▼
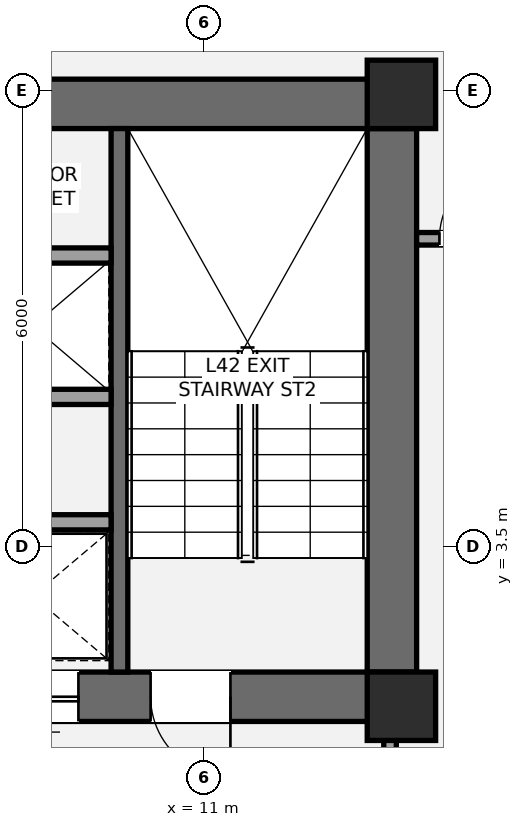
"""IFC4 building model, lengths in metres.
Left out: names, types, materials, properties, quantities, classifications, styles, units other than length and angle.
Written with IfcOpenShell. Run it as: python <this file> out.ifc"""

import sys

from ifc_helpers import new_model, si_unit, direction, frame, frame_2d, origin, origin_2d, place, context, subcontext, project, spatial, rectangle, extrude, element, fill, save


model = new_model("IFC4")
c1 = context("Model", 3, precision=1e-05, world=origin(), true_north=direction((0.0, 1.0)))
c2 = subcontext(c1, "Body", "Model", "MODEL_VIEW")
j1 = project(units=[si_unit("LENGTHUNIT", "METRE"), si_unit("PLANEANGLEUNIT", "RADIAN")], contexts=[c1])
p1 = place(None, origin())
s1 = spatial("IfcSite", under=j1, at=p1, CompositionType="ELEMENT")
p2 = place(p1, origin())
s2 = spatial("IfcBuilding", under=s1, at=p2, CompositionType="ELEMENT")
p3 = place(p2, frame((0.0, 0.0, 156.6)))
s3 = spatial("IfcBuildingStorey", under=s2, at=p3, CompositionType="ELEMENT", Elevation=156.6)
p4 = place(p3, frame((13.475, 1.2, 0.0), z_axis=(0.0, 0.0, 1.0), x_axis=(0.0, 1.0, 0.0)))
e1 = element("IfcWall", 1, at=p4, inside=s3, PredefinedType="SHEAR", context=c2, shape_type="SweptSolid", body=[
    extrude(rectangle(XDim=8.45, YDim=0.65, at=frame_2d((4.225, 0.0))), origin(), (0.0, 0.0, 1.0), 3.2),
])
p5 = place(p3, frame((4.475, 9.325, 0.0), z_axis=(0.0, 0.0, 1.0), x_axis=(1.0, 0.0, 0.0)))
e2 = element("IfcWall", 2, at=p5, inside=s3, PredefinedType="SHEAR", context=c2, shape_type="SweptSolid", body=[
    extrude(rectangle(XDim=9.325, YDim=0.65, at=frame_2d((4.663, 0.0))), origin(), (0.0, 0.0, 1.0), 3.2),
])
p6 = place(p3, frame((13.8, 1.525, 0.0), z_axis=(0.0, 0.0, 1.0), x_axis=(-1.0, 0.0, 0.0)))
e3 = element("IfcWall", 3, at=p6, inside=s3, PredefinedType="SHEAR", context=c2, shape_type="SweptSolid", body=[
    extrude(rectangle(XDim=8.925, YDim=0.65, at=frame_2d((4.462, 0.0))), origin(), (0.0, 0.0, 1.0), 3.2),
])
p7 = place(p6, frame((2.45, 0.0, 0.0)))
e4 = element("IfcOpeningElement", 4, at=p7, cuts=e3, PredefinedType="OPENING", context=c2, shape_type="SweptSolid", body=[
    extrude(rectangle(XDim=1.05, YDim=2.15, at=frame_2d((0.525, 1.075))), frame((0.0, 0.335, 0.0), z_axis=(0.0, -1.0, 0.0), x_axis=(1.0, 0.0, 0.0)), (0.0, 0.0, 1.0), 0.67),
])
p8 = place(p6, frame((4.45, 0.0, 0.0)))
e5 = element("IfcOpeningElement", 5, at=p8, cuts=e3, PredefinedType="OPENING", context=c2, shape_type="SweptSolid", body=[
    extrude(rectangle(XDim=1.1, YDim=2.2, at=frame_2d((0.55, 1.1))), frame((0.0, 0.335, 0.0), z_axis=(0.0, -1.0, 0.0), x_axis=(1.0, 0.0, 0.0)), (0.0, 0.0, 1.0), 0.67),
])
p9 = place(p3, frame((9.89, 1.85, 0.0), z_axis=(0.0, 0.0, 1.0), x_axis=(0.0, 1.0, 0.0)))
e6 = element("IfcWall", 6, at=p9, inside=s3, PredefinedType="SHEAR", context=c2, shape_type="SweptSolid", body=[
    extrude(rectangle(XDim=7.15, YDim=0.22, at=frame_2d((3.575, 0.0))), origin(), (0.0, 0.0, 1.0), 3.2),
])
for number, where, z_axis, x_axis in (
    (7, (13.6, 1.4, 0.0), (0.0, 0.0, 1.0), (1.0, 0.0, 0.0)),
    (8, (13.6, 9.45, 0.0), (0.0, 0.0, 1.0), (1.0, 0.0, 0.0)),
):
    element("IfcColumn", number, at=place(p3, frame(where, z_axis=z_axis, x_axis=x_axis)), inside=s3, PredefinedType="COLUMN", context=c2, shape_type="SweptSolid", body=[
        extrude(rectangle(XDim=0.9, YDim=0.9, at=origin_2d()), origin(), (0.0, 0.0, 1.0), 3.2),
    ])
p10 = place(p3, frame((13.45, -2.15, 0.0), z_axis=(0.0, 0.0, 1.0), x_axis=(0.0, 1.0, 0.0)))
e9 = element("IfcWall", 9, at=p10, inside=s3, PredefinedType="PARTITIONING", context=c2, shape_type="SweptSolid", body=[
    extrude(rectangle(XDim=3.4, YDim=0.165, at=frame_2d((1.7, 0.0))), origin(), (0.0, 0.0, 1.0), 3.02),
])
p11 = place(p10, frame((1.15, 0.0, 0.0)))
e10 = element("IfcOpeningElement", 10, at=p11, cuts=e9, PredefinedType="OPENING", context=c2, shape_type="SweptSolid", body=[
    extrude(rectangle(XDim=1.05, YDim=2.15, at=frame_2d((0.525, 1.075))), frame((0.0, 0.093, 0.0), z_axis=(0.0, -1.0, 0.0), x_axis=(1.0, 0.0, 0.0)), (0.0, 0.0, 1.0), 0.185),
])
p12 = place(p3, frame((5.525, 3.82, 0.0), z_axis=(0.0, 0.0, 1.0), x_axis=(1.0, 0.0, 0.0)))
e11 = element("IfcWall", 11, at=p12, inside=s3, PredefinedType="SOLIDWALL", context=c2, shape_type="SweptSolid", body=[
    extrude(rectangle(XDim=4.255, YDim=0.2, at=frame_2d((2.127, 0.0))), origin(), (0.0, 0.0, 1.0), 3.02),
])
p13 = place(p12, frame((0.65, 0.0, 0.0)))
e12 = element("IfcOpeningElement", 12, at=p13, cuts=e11, PredefinedType="OPENING", context=c2, shape_type="SweptSolid", body=[
    extrude(rectangle(XDim=1.2, YDim=2.2, at=frame_2d((0.6, 1.1))), frame((0.0, 0.11, 0.0), z_axis=(0.0, -1.0, 0.0), x_axis=(1.0, 0.0, 0.0)), (0.0, 0.0, 1.0), 0.22),
])
for number, where, z_axis, x_axis in (
    (13, (5.525, 5.47, 0.0), (0.0, 0.0, 1.0), (1.0, 0.0, 0.0)),
    (14, (5.525, 7.33, 0.0), (0.0, 0.0, 1.0), (1.0, 0.0, 0.0)),
):
    element("IfcWall", number, at=place(p3, frame(where, z_axis=z_axis, x_axis=x_axis)), inside=s3, PredefinedType="SOLIDWALL", context=c2, shape_type="SweptSolid", body=[
        extrude(rectangle(XDim=4.255, YDim=0.2, at=frame_2d((2.127, 0.0))), origin(), (0.0, 0.0, 1.0), 3.02),
    ])
p14 = place(p3, frame((13.8, 7.55, 0.0), z_axis=(0.0, 0.0, 1.0), x_axis=(1.0, 0.0, 0.0)))
e15 = element("IfcWall", 15, at=p14, inside=s3, PredefinedType="PARTITIONING", context=c2, shape_type="SweptSolid", body=[
    extrude(rectangle(XDim=1.75, YDim=0.165, at=frame_2d((0.875, 0.0))), origin(), (0.0, 0.0, 1.0), 2.473),
])
p15 = place(p14, frame((0.3, 0.0, 0.0)))
e16 = element("IfcOpeningElement", 16, at=p15, cuts=e15, PredefinedType="OPENING", context=c2, shape_type="SweptSolid", body=[
    extrude(rectangle(XDim=1.0, YDim=2.15, at=frame_2d((0.5, 1.075))), frame((0.0, 0.093, 0.0), z_axis=(0.0, -1.0, 0.0), x_axis=(1.0, 0.0, 0.0)), (0.0, 0.0, 1.0), 0.185),
])
p16 = place(p7, origin())
e17 = element("IfcDoor", 17, at=p16, inside=s3, OperationType="SINGLE_SWING_LEFT", PredefinedType="DOOR", context=c2, shape_type="SweptSolid", body=[
    extrude(rectangle(XDim=1.05, YDim=2.15, at=frame_2d((0.525, 1.075))), frame((0.0, 0.025, 0.0), z_axis=(0.0, -1.0, 0.0), x_axis=(1.0, 0.0, 0.0)), (0.0, 0.0, 1.0), 0.05),
])
fill(e4, e17)
p17 = place(p8, origin())
e18 = element("IfcDoor", 18, at=p17, inside=s3, OperationType="SLIDING_TO_LEFT", PredefinedType="DOOR", context=c2, shape_type="SweptSolid", body=[
    extrude(rectangle(XDim=1.1, YDim=2.2, at=frame_2d((0.55, 1.1))), frame((0.0, 0.025, 0.0), z_axis=(0.0, -1.0, 0.0), x_axis=(1.0, 0.0, 0.0)), (0.0, 0.0, 1.0), 0.05),
])
fill(e5, e18)
p18 = place(p15, origin())
e19 = element("IfcDoor", 19, at=p18, inside=s3, OperationType="SINGLE_SWING_RIGHT", PredefinedType="DOOR", context=c2, shape_type="SweptSolid", body=[
    extrude(rectangle(XDim=1.0, YDim=2.15, at=frame_2d((0.5, 1.075))), frame((0.0, 0.025, 0.0), z_axis=(0.0, -1.0, 0.0), x_axis=(1.0, 0.0, 0.0)), (0.0, 0.0, 1.0), 0.05),
])
fill(e16, e19)
save(model, sys.argv[1])
▲
| What to do |
Set apart and copy each line of the records that holds the word "CompositionType".

| Output of the exercise |
s1 = spatial("IfcSite", under=j1, at=p1, CompositionType="ELEMENT")
s2 = spatial("IfcBuilding", under=s1, at=p2, CompositionType="ELEMENT")
s3 = spatial("IfcBuildingStorey", under=s2, at=p3, CompositionType="ELEMENT", Elevation=156.6)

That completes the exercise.